* **Problem**: Begin at the line that contains "x_axis=(-0.499996012963, 0.866027705689, 0.0)))" and repeat every line from there to the end of the records below, inclusive, without adding any other line.
|---|
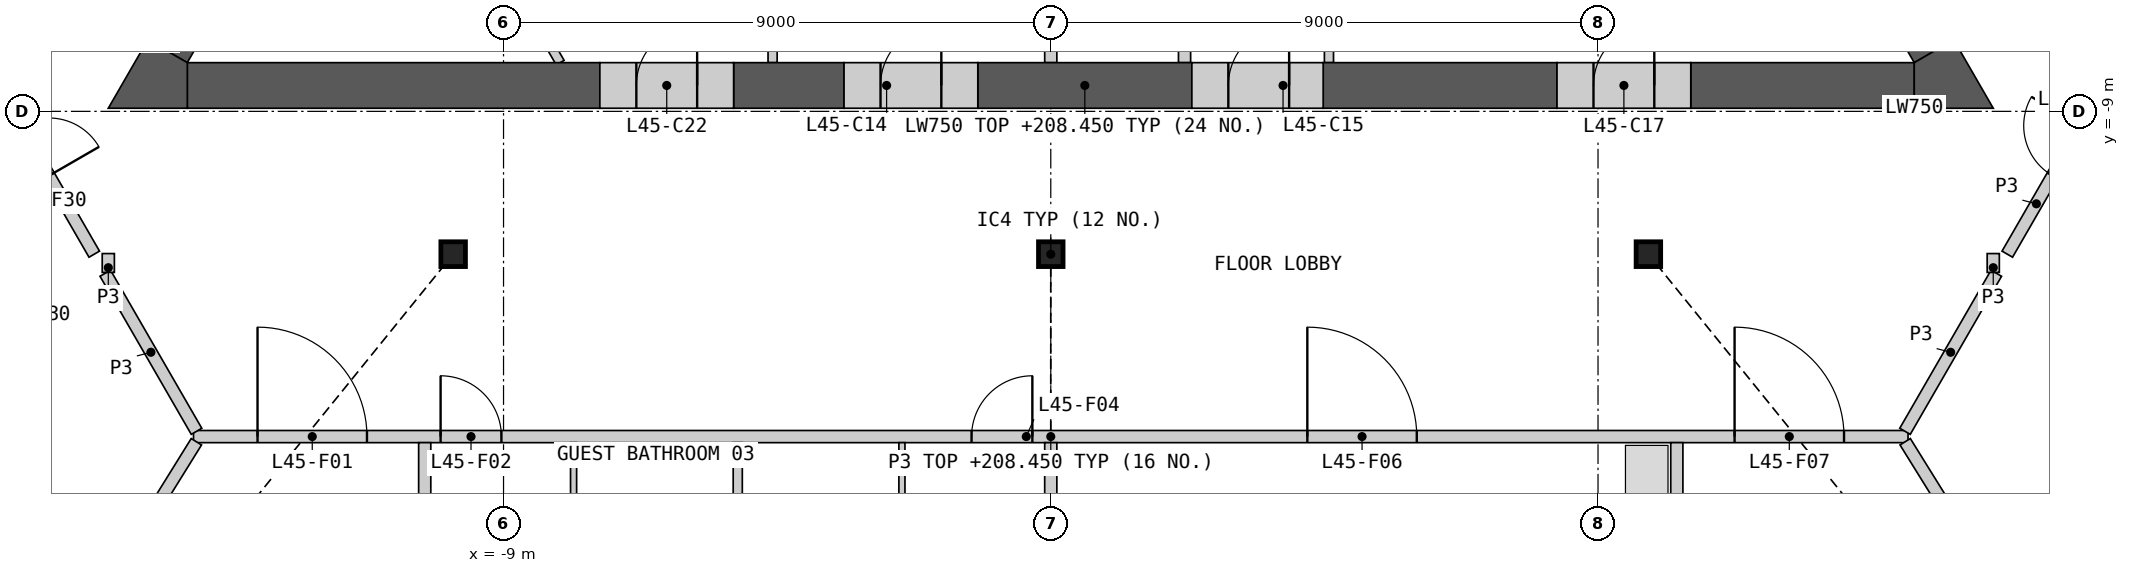
"""IFC4 building model, lengths in metres.
Left out: names, types, materials, properties, quantities, classifications, styles, units other than length and angle.
Written with IfcOpenShell. Run it as: python <this file> out.ifc"""

import sys

from ifc_helpers import new_model, si_unit, direction, frame, frame_2d, origin, origin_2d, place, context, subcontext, project, spatial, polyline, rectangle, i_section, outline, extrude, element, fill, save


model = new_model("IFC4")
c1 = context("Model", 3, precision=1e-05, world=origin(), true_north=direction((0.0, 1.0)))
c2 = subcontext(c1, "Body", "Model", "MODEL_VIEW")
j1 = project(units=[si_unit("LENGTHUNIT", "METRE"), si_unit("PLANEANGLEUNIT", "RADIAN")], contexts=[c1])
p1 = place(None, origin())
s1 = spatial("IfcSite", under=j1, at=p1, CompositionType="ELEMENT")
p2 = place(p1, origin())
s2 = spatial("IfcBuilding", under=s1, at=p2, CompositionType="ELEMENT")
p3 = place(p2, frame((0.0, 0.0, 205.2)))
s3 = spatial("IfcBuildingStorey", under=s2, at=p3, CompositionType="ELEMENT", Elevation=205.2)
for number, where, z_axis, x_axis in (
    (1, (-9.828, -11.349, 0.0), (0.0, 0.0, 1.0), (1.0, 0.0, 0.0)),
    (2, (0.0, -11.349, 0.0), (0.0, 0.0, 1.0), (1.0, 0.0, 0.0)),
    (3, (9.828, -11.349, 0.0), (0.0, 0.0, 1.0), (1.0, 0.0, 0.0)),
):
    element("IfcColumn", number, at=place(p3, frame(where, z_axis=z_axis, x_axis=x_axis)), inside=s3, PredefinedType="COLUMN", context=c2, shape_type="SweptSolid", body=[
        extrude(i_section(OverallWidth=0.404, OverallDepth=0.407, WebThickness=0.027, FlangeThickness=0.044, at=origin_2d()), origin(), (0.0, 0.0, 1.0), 3.6),
    ])
for number, where, z_axis, x_axis in (
    (4, (0.0, -6.906, 0.0), (0.0, 0.0, 1.0), (0.0, -1.0, 0.0)),
    (5, (2.2, -6.906, 0.0), (0.0, 0.0, 1.0), (0.0, -1.0, 0.0)),
):
    element("IfcWall", number, at=place(p3, frame(where, z_axis=z_axis, x_axis=x_axis)), inside=s3, PredefinedType="SHEAR", context=c2, shape_type="SweptSolid", body=[
        extrude(rectangle(XDim=1.293, YDim=0.2, at=frame_2d((0.646, 0.0))), origin(), (0.0, 0.0, 1.0), 3.25),
    ])
for number, where, z_axis, x_axis in (
    (6, (4.575, -6.906, 0.0), (0.0, 0.0, 1.0), (0.0, -1.0, 0.0)),
    (7, (-4.575, -6.906, 0.0), (0.0, 0.0, 1.0), (0.0, -1.0, 0.0)),
):
    element("IfcWall", number, at=place(p3, frame(where, z_axis=z_axis, x_axis=x_axis)), inside=s3, PredefinedType="PARTITIONING", context=c2, shape_type="SweptSolid", body=[
        extrude(rectangle(XDim=1.293, YDim=0.15, at=frame_2d((0.646, 0.0))), origin(), (0.0, 0.0, 1.0), 3.25),
    ])
p4 = place(p3, frame((-8.83, -6.881, 0.0), z_axis=(0.0, 0.0, 1.0), x_axis=(0.500037110984, -0.866003976688, 0.0)))
e8 = element("IfcWall", 8, at=p4, inside=s3, PredefinedType="PARTITIONING", context=c2, shape_type="SweptSolid", body=[
    extrude(rectangle(XDim=1.522, YDim=0.15, at=frame_2d((0.761, 0.0))), origin(), (0.0, 0.0, 1.0), 3.25),
])
p5 = place(p3, frame((-14.201, -8.574, 0.0), z_axis=(0.0, 0.0, 1.0), x_axis=(1.0, 0.0, 0.0)))
e9 = element("IfcWall", 9, at=p5, inside=s3, PredefinedType="SHEAR", context=c2, shape_type="SweptSolid", body=[
    extrude(rectangle(XDim=6.785, YDim=0.75, at=frame_2d((3.393, 0.0))), origin(), (0.0, 0.0, 1.0), 3.25),
])
p6 = place(p3, frame((4.48, -8.574, 0.0), z_axis=(0.0, 0.0, 1.0), x_axis=(1.0, 0.0, 0.0)))
e10 = element("IfcWall", 10, at=p6, inside=s3, PredefinedType="SHEAR", context=c2, shape_type="SweptSolid", body=[
    extrude(rectangle(XDim=3.845, YDim=0.75, at=frame_2d((1.923, 0.0))), origin(), (0.0, 0.0, 1.0), 3.25),
])
p7 = place(p3, frame((10.525, -8.574, 0.0), z_axis=(0.0, 0.0, 1.0), x_axis=(1.0, 0.0, 0.0)))
e11 = element("IfcWall", 11, at=p7, inside=s3, PredefinedType="SHEAR", context=c2, shape_type="SweptSolid", body=[
    extrude(rectangle(XDim=3.676, YDim=0.75, at=frame_2d((1.838, 0.0))), origin(), (0.0, 0.0, 1.0), 3.25),
])
p8 = place(p3, frame((-1.2, -8.574, 0.0), z_axis=(0.0, 0.0, 1.0), x_axis=(1.0, 0.0, 0.0)))
e12 = element("IfcWall", 12, at=p8, inside=s3, PredefinedType="SHEAR", context=c2, shape_type="SweptSolid", body=[
    extrude(rectangle(XDim=3.52, YDim=0.75, at=frame_2d((1.76, 0.0))), origin(), (0.0, 0.0, 1.0), 3.25),
])
p9 = place(p3, frame((-5.216, -8.574, 0.0), z_axis=(0.0, 0.0, 1.0), x_axis=(1.0, 0.0, 0.0)))
e13 = element("IfcWall", 13, at=p9, inside=s3, PredefinedType="SHEAR", context=c2, shape_type="SweptSolid", body=[
    extrude(rectangle(XDim=1.816, YDim=0.75, at=frame_2d((0.908, 0.0))), origin(), (0.0, 0.0, 1.0), 3.25),
])
p10 = place(p3, frame((14.526, -8.011, 0.0), z_axis=(0.0, 0.0, 1.0), x_axis=(-0.499996012963, 0.866027705689, 0.0)))
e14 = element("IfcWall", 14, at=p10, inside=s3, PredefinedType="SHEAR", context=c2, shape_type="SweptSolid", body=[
|---|
* **Result for this task**:
p10 = place(p3, frame((14.526, -8.011, 0.0), z_axis=(0.0, 0.0, 1.0), x_axis=(-0.499996012963, 0.866027705689, 0.0)))
e14 = element("IfcWall", 14, at=p10, inside=s3, PredefinedType="SHEAR", context=c2, shape_type="SweptSolid", body=[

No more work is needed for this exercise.